*Source records*
- Opening Delimiter -
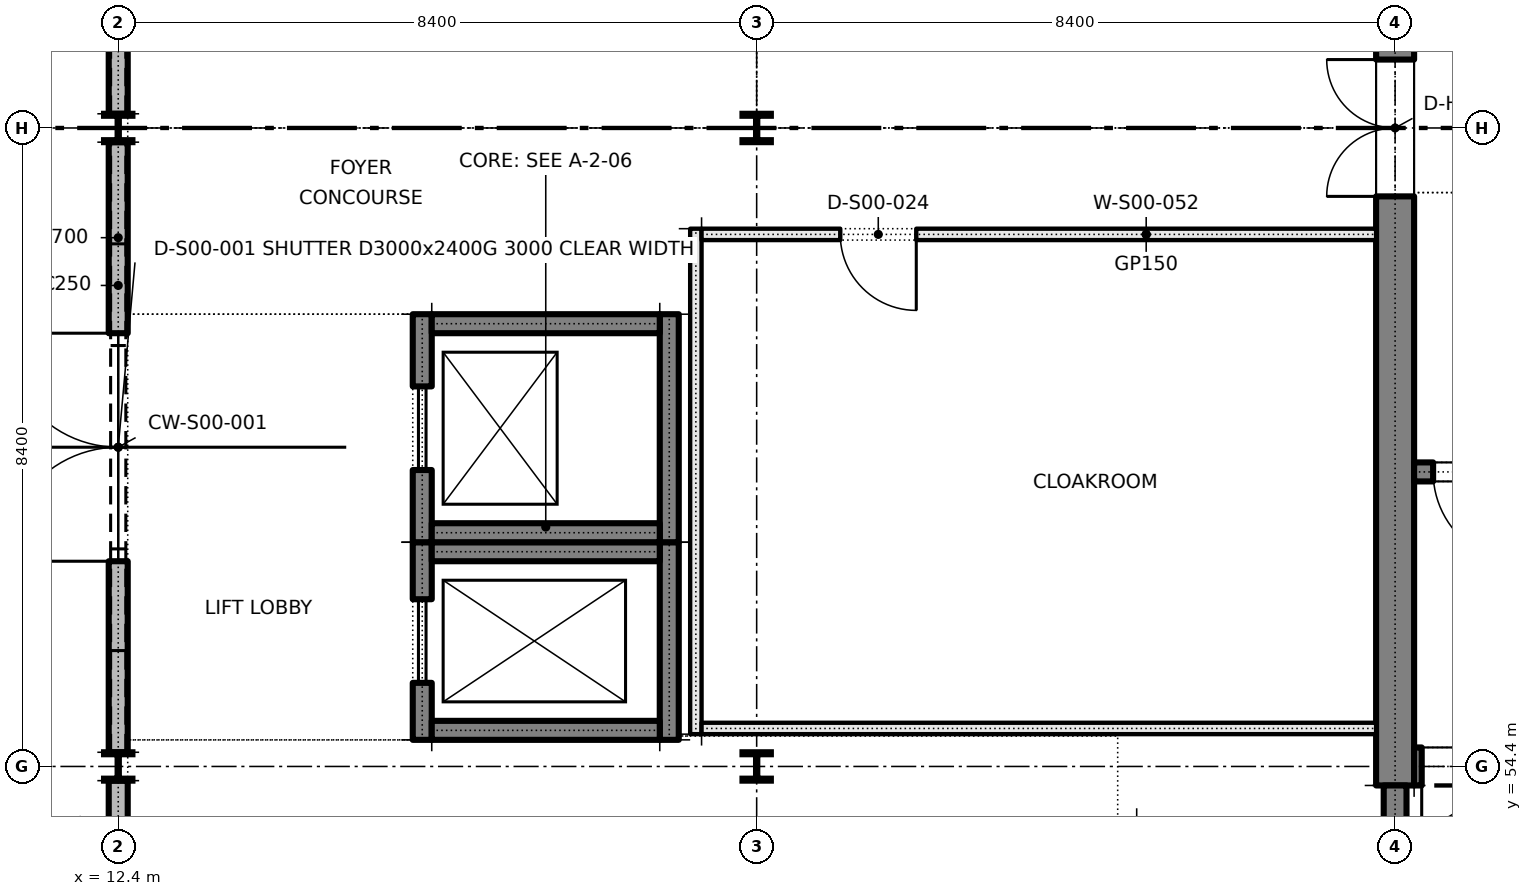
"""IFC4 building model, lengths in metres.
Left out: names, types, materials, properties, quantities, classifications, styles, units other than length and angle.
Written with IfcOpenShell. Run it as: python <this file> out.ifc"""

import sys

from ifc_helpers import new_model, si_unit, direction, frame, frame_2d, origin, origin_2d, place, context, subcontext, project, spatial, rectangle, i_section, extrude, element, fill, save


model = new_model("IFC4")
c1 = context("Model", 3, precision=1e-05, world=origin(), true_north=direction((0.0, 1.0)))
c2 = subcontext(c1, "Body", "Model", "MODEL_VIEW")
j1 = project(units=[si_unit("LENGTHUNIT", "METRE"), si_unit("PLANEANGLEUNIT", "RADIAN")], contexts=[c1])
p1 = place(None, origin())
s1 = spatial("IfcSite", under=j1, at=p1, CompositionType="ELEMENT")
p2 = place(p1, origin())
s2 = spatial("IfcBuilding", under=s1, at=p2, CompositionType="ELEMENT")
p3 = place(p2, origin())
s3 = spatial("IfcBuildingStorey", under=s2, at=p3, CompositionType="ELEMENT", Elevation=0.0)
p4 = place(p3, frame((29.2, 54.15, 0.0), z_axis=(0.0, 0.0, 1.0), x_axis=(0.0, 1.0, 0.0)))
e1 = element("IfcWall", 1, at=p4, inside=s3, PredefinedType="SOLIDWALL", context=c2, shape_type="SweptSolid", body=[
    extrude(rectangle(XDim=42.5, YDim=0.5, at=frame_2d((21.25, 0.0))), origin(), (0.0, 0.0, 1.0), 5.4),
])
p5 = place(p4, frame((7.75, 0.0, 0.0)))
e2 = element("IfcOpeningElement", 2, at=p5, cuts=e1, PredefinedType="OPENING", context=c2, shape_type="SweptSolid", body=[
    extrude(rectangle(XDim=1.8, YDim=2.1, at=frame_2d((0.9, 1.05))), frame((0.0, 0.26, 0.0), z_axis=(0.0, -1.0, 0.0), x_axis=(1.0, 0.0, 0.0)), (0.0, 0.0, 1.0), 0.52),
])
p6 = place(p4, frame((20.35, 0.0, 0.0)))
e3 = element("IfcOpeningElement", 3, at=p6, cuts=e1, PredefinedType="OPENING", context=c2, shape_type="SweptSolid", body=[
    extrude(rectangle(XDim=1.8, YDim=2.1, at=frame_2d((0.9, 1.05))), frame((0.0, 0.26, 0.0), z_axis=(0.0, -1.0, 0.0), x_axis=(1.0, 0.0, 0.0)), (0.0, 0.0, 1.0), 0.52),
])
p7 = place(p4, frame((32.95, 0.0, 0.0)))
e4 = element("IfcOpeningElement", 4, at=p7, cuts=e1, PredefinedType="OPENING", context=c2, shape_type="SweptSolid", body=[
    extrude(rectangle(XDim=1.8, YDim=2.1, at=frame_2d((0.9, 1.05))), frame((0.0, 0.26, 0.0), z_axis=(0.0, -1.0, 0.0), x_axis=(1.0, 0.0, 0.0)), (0.0, 0.0, 1.0), 0.52),
])
p8 = place(p3, frame((29.45, 54.4, 0.0), z_axis=(0.0, 0.0, 1.0), x_axis=(1.0, 0.0, 0.0)))
e5 = element("IfcWall", 5, at=p8, inside=s3, PredefinedType="SOLIDWALL", context=c2, shape_type="SweptSolid", body=[
    extrude(rectangle(XDim=66.7, YDim=0.5, at=frame_2d((33.35, 0.0))), origin(), (0.0, 0.0, 1.0), 5.4),
])
p9 = place(p8, frame((11.75, 0.0, 0.9)))
e6 = element("IfcOpeningElement", 6, at=p9, cuts=e5, PredefinedType="OPENING", context=c2, shape_type="SweptSolid", body=[
    extrude(rectangle(XDim=1.2, YDim=3.6, at=frame_2d((0.6, 1.8))), frame((0.0, 0.26, 0.0), z_axis=(0.0, -1.0, 0.0), x_axis=(1.0, 0.0, 0.0)), (0.0, 0.0, 1.0), 0.52),
])
p10 = place(p8, frame((20.15, 0.0, 0.9)))
e7 = element("IfcOpeningElement", 7, at=p10, cuts=e5, PredefinedType="OPENING", context=c2, shape_type="SweptSolid", body=[
    extrude(rectangle(XDim=1.2, YDim=3.6, at=frame_2d((0.6, 1.8))), frame((0.0, 0.26, 0.0), z_axis=(0.0, -1.0, 0.0), x_axis=(1.0, 0.0, 0.0)), (0.0, 0.0, 1.0), 0.52),
])
p11 = place(p8, frame((28.55, 0.0, 0.9)))
e8 = element("IfcOpeningElement", 8, at=p11, cuts=e5, PredefinedType="OPENING", context=c2, shape_type="SweptSolid", body=[
    extrude(rectangle(XDim=1.2, YDim=3.6, at=frame_2d((0.6, 1.8))), frame((0.0, 0.26, 0.0), z_axis=(0.0, -1.0, 0.0), x_axis=(1.0, 0.0, 0.0)), (0.0, 0.0, 1.0), 0.52),
])
p12 = place(p8, frame((36.95, 0.0, 0.9)))
e9 = element("IfcOpeningElement", 9, at=p12, cuts=e5, PredefinedType="OPENING", context=c2, shape_type="SweptSolid", body=[
    extrude(rectangle(XDim=1.2, YDim=3.6, at=frame_2d((0.6, 1.8))), frame((0.0, 0.26, 0.0), z_axis=(0.0, -1.0, 0.0), x_axis=(1.0, 0.0, 0.0)), (0.0, 0.0, 1.0), 0.52),
])
p13 = place(p8, frame((45.35, 0.0, 0.9)))
e10 = element("IfcOpeningElement", 10, at=p13, cuts=e5, PredefinedType="OPENING", context=c2, shape_type="SweptSolid", body=[
    extrude(rectangle(XDim=1.2, YDim=3.6, at=frame_2d((0.6, 1.8))), frame((0.0, 0.26, 0.0), z_axis=(0.0, -1.0, 0.0), x_axis=(1.0, 0.0, 0.0)), (0.0, 0.0, 1.0), 0.52),
])
p14 = place(p8, frame((53.75, 0.0, 0.9)))
e11 = element("IfcOpeningElement", 11, at=p14, cuts=e5, PredefinedType="OPENING", context=c2, shape_type="SweptSolid", body=[
    extrude(rectangle(XDim=1.2, YDim=3.6, at=frame_2d((0.6, 1.8))), frame((0.0, 0.26, 0.0), z_axis=(0.0, -1.0, 0.0), x_axis=(1.0, 0.0, 0.0)), (0.0, 0.0, 1.0), 0.52),
])
p15 = place(p8, frame((0.1, 0.0, 0.0)))
e12 = element("IfcOpeningElement", 12, at=p15, cuts=e5, PredefinedType="OPENING", context=c2, shape_type="SweptSolid", body=[
    extrude(rectangle(XDim=1.5, YDim=2.1, at=frame_2d((0.75, 1.05))), frame((0.0, 0.26, 0.0), z_axis=(0.0, -1.0, 0.0), x_axis=(1.0, 0.0, 0.0)), (0.0, 0.0, 1.0), 0.52),
])
p16 = place(p8, frame((59.2, 0.0, 0.0)))
e13 = element("IfcOpeningElement", 13, at=p16, cuts=e5, PredefinedType="OPENING", context=c2, shape_type="SweptSolid", body=[
    extrude(rectangle(XDim=1.5, YDim=2.1, at=frame_2d((0.75, 1.05))), frame((0.0, 0.26, 0.0), z_axis=(0.0, -1.0, 0.0), x_axis=(1.0, 0.0, 0.0)), (0.0, 0.0, 1.0), 0.52),
])
p17 = place(p3, frame((29.45, 58.275, 0.0), z_axis=(0.0, 0.0, 1.0), x_axis=(1.0, 0.0, 0.0)))
e14 = element("IfcWall", 14, at=p17, inside=s3, PredefinedType="SOLIDWALL", context=c2, shape_type="SweptSolid", body=[
    extrude(rectangle(XDim=7.85, YDim=0.25, at=frame_2d((3.925, 0.0))), origin(), (0.0, 0.0, 1.0), 5.4),
])
p18 = place(p17, frame((0.25, 0.0, 0.0)))
e15 = element("IfcOpeningElement", 15, at=p18, cuts=e14, PredefinedType="OPENING", context=c2, shape_type="SweptSolid", body=[
    extrude(rectangle(XDim=1.2, YDim=2.1, at=frame_2d((0.6, 1.05))), frame((0.0, 0.135, 0.0), z_axis=(0.0, -1.0, 0.0), x_axis=(1.0, 0.0, 0.0)), (0.0, 0.0, 1.0), 0.27),
])
for number, where, z_axis, x_axis in (
    (16, (12.4, 54.4, 0.0), (0.0, 0.0, 1.0), (1.0, 0.0, 0.0)),
    (17, (12.4, 62.8, 0.0), (0.0, 0.0, 1.0), (1.0, 0.0, 0.0)),
    (18, (20.8, 54.4, 0.0), (0.0, 0.0, 1.0), (1.0, 0.0, 0.0)),
    (19, (20.8, 62.8, 0.0), (0.0, 0.0, 1.0), (1.0, 0.0, 0.0)),
):
    element("IfcColumn", number, at=place(p3, frame(where, z_axis=z_axis, x_axis=x_axis)), inside=s3, PredefinedType="COLUMN", context=c2, shape_type="SweptSolid", body=[
        extrude(i_section(OverallWidth=0.373, OverallDepth=0.373, WebThickness=0.016, FlangeThickness=0.026, FilletRadius=0.015, at=origin_2d()), origin(), (0.0, 0.0, 1.0), 5.4),
    ])
p19 = place(p3, frame((29.2, 54.17, -0.3), z_axis=(0.0, 0.0, 1.0), x_axis=(0.0, 1.0, 0.0)))
e20 = element("IfcWall", 20, at=p19, inside=s3, PredefinedType="SOLIDWALL", context=c2, shape_type="SweptSolid", body=[
    extrude(rectangle(XDim=42.46, YDim=0.5, at=frame_2d((21.23, 0.0))), origin(), (0.0, 0.0, 1.0), 0.3),
])
p20 = place(p3, frame((29.45, 54.4, -0.5), z_axis=(0.0, 0.0, 1.0), x_axis=(1.0, 0.0, 0.0)))
e21 = element("IfcWall", 21, at=p20, inside=s3, PredefinedType="SOLIDWALL", context=c2, shape_type="SweptSolid", body=[
    extrude(rectangle(XDim=66.7, YDim=0.5, at=frame_2d((33.35, 0.0))), origin(), (0.0, 0.0, 1.0), 0.5),
])
p21 = place(p3, frame((29.45, 58.275, -0.5), z_axis=(0.0, 0.0, 1.0), x_axis=(1.0, 0.0, 0.0)))
e22 = element("IfcWall", 22, at=p21, inside=s3, PredefinedType="SOLIDWALL", context=c2, shape_type="SweptSolid", body=[
    extrude(rectangle(XDim=7.83, YDim=0.25, at=frame_2d((3.915, 0.0))), origin(), (0.0, 0.0, 1.0), 0.5),
])
p22 = place(p3, frame((12.4, 46.225, 0.0), z_axis=(0.0, 0.0, 1.0), x_axis=(0.0, 1.0, 0.0)))
e23 = element("IfcWall", 23, at=p22, inside=s3, PredefinedType="SOLIDWALL", context=c2, shape_type="SweptSolid", body=[
    extrude(rectangle(XDim=7.988, YDim=0.25, at=frame_2d((3.994, 0.0))), origin(), (0.0, 0.0, 1.0), 5.22),
])
p23 = place(p3, frame((12.4, 54.587, 0.0), z_axis=(0.0, 0.0, 1.0), x_axis=(0.0, 1.0, 0.0)))
e24 = element("IfcWall", 24, at=p23, inside=s3, PredefinedType="SOLIDWALL", context=c2, shape_type="SweptSolid", body=[
    extrude(rectangle(XDim=8.027, YDim=0.25, at=frame_2d((4.013, 0.0))), origin(), (0.0, 0.0, 1.0), 2.7),
])
p24 = place(p23, frame((2.513, 0.0, 0.0)))
e25 = element("IfcOpeningElement", 25, at=p24, cuts=e24, PredefinedType="OPENING", context=c2, shape_type="SweptSolid", body=[
    extrude(rectangle(XDim=3.0, YDim=2.4, at=frame_2d((1.5, 1.2))), frame((0.0, 0.135, 0.0), z_axis=(0.0, -1.0, 0.0), x_axis=(1.0, 0.0, 0.0)), (0.0, 0.0, 1.0), 0.27),
])
p25 = place(p3, frame((12.4, 62.987, 0.0), z_axis=(0.0, 0.0, 1.0), x_axis=(0.0, 1.0, 0.0)))
e26 = element("IfcWall", 26, at=p25, inside=s3, PredefinedType="SOLIDWALL", context=c2, shape_type="SweptSolid", body=[
    extrude(rectangle(XDim=8.027, YDim=0.25, at=frame_2d((4.013, 0.0))), origin(), (0.0, 0.0, 1.0), 2.7),
])
p26 = place(p25, frame((2.513, 0.0, 0.0)))
e27 = element("IfcOpeningElement", 27, at=p26, cuts=e26, PredefinedType="OPENING", context=c2, shape_type="SweptSolid", body=[
    extrude(rectangle(XDim=3.0, YDim=2.4, at=frame_2d((1.5, 1.2))), frame((0.0, 0.135, 0.0), z_axis=(0.0, -1.0, 0.0), x_axis=(1.0, 0.0, 0.0)), (0.0, 0.0, 1.0), 0.27),
])
p27 = place(p3, frame((29.2, 46.25, 0.0), z_axis=(0.0, 0.0, 1.0), x_axis=(0.0, 1.0, 0.0)))
e28 = element("IfcWall", 28, at=p27, inside=s3, PredefinedType="SOLIDWALL", context=c2, shape_type="SweptSolid", body=[
    extrude(rectangle(XDim=7.9, YDim=0.3, at=frame_2d((3.95, 0.0))), origin(), (0.0, 0.0, 1.0), 5.4),
])
p28 = place(p27, frame((0.3, 0.0, 0.0)))
e29 = element("IfcOpeningElement", 29, at=p28, cuts=e28, PredefinedType="OPENING", context=c2, shape_type="SweptSolid", body=[
    extrude(rectangle(XDim=1.1, YDim=2.1, at=frame_2d((0.55, 1.05))), frame((0.0, 0.16, 0.0), z_axis=(0.0, -1.0, 0.0), x_axis=(1.0, 0.0, 0.0)), (0.0, 0.0, 1.0), 0.32),
])
p29 = place(p3, frame((16.4, 54.75, 0.0), z_axis=(0.0, 0.0, 1.0), x_axis=(0.0, 1.0, 0.0)))
e30 = element("IfcWall", 30, at=p29, inside=s3, PredefinedType="SOLIDWALL", context=c2, shape_type="SweptSolid", body=[
    extrude(rectangle(XDim=2.6, YDim=0.25, at=frame_2d((1.3, 0.0))), origin(), (0.0, 0.0, 1.0), 5.4),
])
p30 = place(p29, frame((0.75, 0.0, 0.0)))
e31 = element("IfcOpeningElement", 31, at=p30, cuts=e30, PredefinedType="OPENING", context=c2, shape_type="SweptSolid", body=[
    extrude(rectangle(XDim=1.1, YDim=2.1, at=frame_2d((0.55, 1.05))), frame((0.0, 0.135, 0.0), z_axis=(0.0, -1.0, 0.0), x_axis=(1.0, 0.0, 0.0)), (0.0, 0.0, 1.0), 0.27),
])
p31 = place(p3, frame((19.65, 54.75, 0.0), z_axis=(0.0, 0.0, 1.0), x_axis=(0.0, 1.0, 0.0)))
e32 = element("IfcWall", 32, at=p31, inside=s3, PredefinedType="SOLIDWALL", context=c2, shape_type="SweptSolid", body=[
    extrude(rectangle(XDim=2.6, YDim=0.25, at=frame_2d((1.3, 0.0))), origin(), (0.0, 0.0, 1.0), 5.4),
])
for number, where, z_axis, x_axis in (
    (33, (16.525, 54.875, 0.0), (0.0, 0.0, 1.0), (1.0, 0.0, 0.0)),
    (34, (16.525, 57.225, 0.0), (0.0, 0.0, 1.0), (1.0, 0.0, 0.0)),
):
    element("IfcWall", number, at=place(p3, frame(where, z_axis=z_axis, x_axis=x_axis)), inside=s3, PredefinedType="SOLIDWALL", context=c2, shape_type="SweptSolid", body=[
        extrude(rectangle(XDim=3.0, YDim=0.25, at=frame_2d((1.5, 0.0))), origin(), (0.0, 0.0, 1.0), 5.4),
    ])
p32 = place(p3, frame((16.4, 57.35, 0.0), z_axis=(0.0, 0.0, 1.0), x_axis=(0.0, 1.0, 0.0)))
e35 = element("IfcWall", 35, at=p32, inside=s3, PredefinedType="SOLIDWALL", context=c2, shape_type="SweptSolid", body=[
    extrude(rectangle(XDim=3.0, YDim=0.25, at=frame_2d((1.5, 0.0))), origin(), (0.0, 0.0, 1.0), 5.4),
])
p33 = place(p32, frame((0.95, 0.0, 0.0)))
e36 = element("IfcOpeningElement", 36, at=p33, cuts=e35, PredefinedType="OPENING", context=c2, shape_type="SweptSolid", body=[
    extrude(rectangle(XDim=1.1, YDim=2.1, at=frame_2d((0.55, 1.05))), frame((0.0, 0.135, 0.0), z_axis=(0.0, -1.0, 0.0), x_axis=(1.0, 0.0, 0.0)), (0.0, 0.0, 1.0), 0.27),
])
for number, where, z_axis, x_axis in (
    (37, (19.65, 57.35, 0.0), (0.0, 0.0, 1.0), (0.0, 1.0, 0.0)),
    (38, (16.525, 57.475, 0.0), (0.0, 0.0, 1.0), (1.0, 0.0, 0.0)),
    (39, (16.525, 60.225, 0.0), (0.0, 0.0, 1.0), (1.0, 0.0, 0.0)),
):
    element("IfcWall", number, at=place(p3, frame(where, z_axis=z_axis, x_axis=x_axis)), inside=s3, PredefinedType="SOLIDWALL", context=c2, shape_type="SweptSolid", body=[
        extrude(rectangle(XDim=3.0, YDim=0.25, at=frame_2d((1.5, 0.0))), origin(), (0.0, 0.0, 1.0), 5.4),
    ])
p34 = place(p3, frame((20.0, 54.825, 0.0), z_axis=(0.0, 0.0, 1.0), x_axis=(0.0, 1.0, 0.0)))
e40 = element("IfcWall", 40, at=p34, inside=s3, PredefinedType="PARTITIONING", context=c2, shape_type="SweptSolid", body=[
    extrude(rectangle(XDim=6.65, YDim=0.15, at=frame_2d((3.325, 0.0))), origin(), (0.0, 0.0, 1.0), 5.4),
])
p35 = place(p3, frame((20.075, 54.9, 0.0), z_axis=(0.0, 0.0, 1.0), x_axis=(1.0, 0.0, 0.0)))
e41 = element("IfcWall", 41, at=p35, inside=s3, PredefinedType="PARTITIONING", context=c2, shape_type="SweptSolid", body=[
    extrude(rectangle(XDim=8.875, YDim=0.15, at=frame_2d((4.438, 0.0))), origin(), (0.0, 0.0, 1.0), 5.4),
])
p36 = place(p3, frame((20.075, 61.4, 0.0), z_axis=(0.0, 0.0, 1.0), x_axis=(1.0, 0.0, 0.0)))
e42 = element("IfcWall", 42, at=p36, inside=s3, PredefinedType="PARTITIONING", context=c2, shape_type="SweptSolid", body=[
    extrude(rectangle(XDim=8.875, YDim=0.15, at=frame_2d((4.438, 0.0))), origin(), (0.0, 0.0, 1.0), 5.4),
])
p37 = place(p36, frame((1.825, 0.0, 0.0)))
e43 = element("IfcOpeningElement", 43, at=p37, cuts=e42, PredefinedType="OPENING", context=c2, shape_type="SweptSolid", body=[
    extrude(rectangle(XDim=1.0, YDim=2.1, at=frame_2d((0.5, 1.05))), frame((0.0, 0.085, 0.0), z_axis=(0.0, -1.0, 0.0), x_axis=(1.0, 0.0, 0.0)), (0.0, 0.0, 1.0), 0.17),
])
p38 = place(p3, frame((29.2, 47.67, -0.2), z_axis=(0.0, 0.0, 1.0), x_axis=(0.0, 1.0, 0.0)))
e44 = element("IfcWall", 44, at=p38, inside=s3, PredefinedType="SOLIDWALL", context=c2, shape_type="SweptSolid", body=[
    extrude(rectangle(XDim=6.41, YDim=0.3, at=frame_2d((3.205, 0.0))), origin(), (0.0, 0.0, 1.0), 0.2),
])
p39 = place(p24, origin())
e45 = element("IfcDoor", 45, at=p39, inside=s3, OperationType="DOUBLE_DOOR_SINGLE_SWING", PredefinedType="DOOR", context=c2, shape_type="SweptSolid", body=[
    extrude(rectangle(XDim=3.0, YDim=2.4, at=frame_2d((1.5, 1.2))), frame((0.0, 0.025, 0.0), z_axis=(0.0, -1.0, 0.0), x_axis=(1.0, 0.0, 0.0)), (0.0, 0.0, 1.0), 0.05),
])
fill(e25, e45)
p40 = place(p18, frame((1.2, 0.0, 0.0), z_axis=(0.0, 0.0, 1.0), x_axis=(-1.0, 0.0, 0.0)))
e46 = element("IfcDoor", 46, at=p40, inside=s3, OperationType="SINGLE_SWING_LEFT", PredefinedType="DOOR", context=c2, shape_type="SweptSolid", body=[
    extrude(rectangle(XDim=1.2, YDim=2.1, at=frame_2d((0.6, 1.05))), frame((0.0, 0.025, 0.0), z_axis=(0.0, -1.0, 0.0), x_axis=(1.0, 0.0, 0.0)), (0.0, 0.0, 1.0), 0.05),
])
fill(e15, e46)
p41 = place(p15, frame((1.5, 0.0, 0.0), z_axis=(0.0, 0.0, 1.0), x_axis=(-1.0, 0.0, 0.0)))
e47 = element("IfcDoor", 47, at=p41, inside=s3, OperationType="DOUBLE_DOOR_SINGLE_SWING", PredefinedType="DOOR", context=c2, shape_type="SweptSolid", body=[
    extrude(rectangle(XDim=1.5, YDim=2.1, at=frame_2d((0.75, 1.05))), frame((0.0, 0.025, 0.0), z_axis=(0.0, -1.0, 0.0), x_axis=(1.0, 0.0, 0.0)), (0.0, 0.0, 1.0), 0.05),
])
fill(e12, e47)
p42 = place(p5, origin())
e48 = element("IfcDoor", 48, at=p42, inside=s3, OperationType="DOUBLE_DOOR_SINGLE_SWING", PredefinedType="DOOR", context=c2, shape_type="SweptSolid", body=[
    extrude(rectangle(XDim=1.8, YDim=2.1, at=frame_2d((0.9, 1.05))), frame((0.0, 0.025, 0.0), z_axis=(0.0, -1.0, 0.0), x_axis=(1.0, 0.0, 0.0)), (0.0, 0.0, 1.0), 0.05),
])
fill(e2, e48)
p43 = place(p30, origin())
e49 = element("IfcDoor", 49, at=p43, inside=s3, OperationType="SLIDING_TO_LEFT", PredefinedType="DOOR", context=c2, shape_type="SweptSolid", body=[
    extrude(rectangle(XDim=1.1, YDim=2.1, at=frame_2d((0.55, 1.05))), frame((0.0, 0.025, 0.0), z_axis=(0.0, -1.0, 0.0), x_axis=(1.0, 0.0, 0.0)), (0.0, 0.0, 1.0), 0.05),
])
fill(e31, e49)
p44 = place(p33, origin())
e50 = element("IfcDoor", 50, at=p44, inside=s3, OperationType="SLIDING_TO_LEFT", PredefinedType="DOOR", context=c2, shape_type="SweptSolid", body=[
    extrude(rectangle(XDim=1.1, YDim=2.1, at=frame_2d((0.55, 1.05))), frame((0.0, 0.025, 0.0), z_axis=(0.0, -1.0, 0.0), x_axis=(1.0, 0.0, 0.0)), (0.0, 0.0, 1.0), 0.05),
])
fill(e36, e50)
p45 = place(p37, frame((1.0, 0.0, 0.0), z_axis=(0.0, 0.0, 1.0), x_axis=(-1.0, 0.0, 0.0)))
e51 = element("IfcDoor", 51, at=p45, inside=s3, OperationType="SINGLE_SWING_LEFT", PredefinedType="DOOR", context=c2, shape_type="SweptSolid", body=[
    extrude(rectangle(XDim=1.0, YDim=2.1, at=frame_2d((0.5, 1.05))), frame((0.0, 0.025, 0.0), z_axis=(0.0, -1.0, 0.0), x_axis=(1.0, 0.0, 0.0)), (0.0, 0.0, 1.0), 0.05),
])
fill(e43, e51)
save(model, sys.argv[1])
- Closing Delimiter -
The answer should contain nothing but the lines from the top of the data above through the line containing "p1 = place(None, origin())", copied exactly, with no images.

*Response area*
"""IFC4 building model, lengths in metres.
Left out: names, types, materials, properties, quantities, classifications, styles, units other than length and angle.
Written with IfcOpenShell. Run it as: python <this file> out.ifc"""

import sys

from ifc_helpers import new_model, si_unit, direction, frame, frame_2d, origin, origin_2d, place, context, subcontext, project, spatial, rectangle, i_section, extrude, element, fill, save


model = new_model("IFC4")
c1 = context("Model", 3, precision=1e-05, world=origin(), true_north=direction((0.0, 1.0)))
c2 = subcontext(c1, "Body", "Model", "MODEL_VIEW")
j1 = project(units=[si_unit("LENGTHUNIT", "METRE"), si_unit("PLANEANGLEUNIT", "RADIAN")], contexts=[c1])
p1 = place(None, origin())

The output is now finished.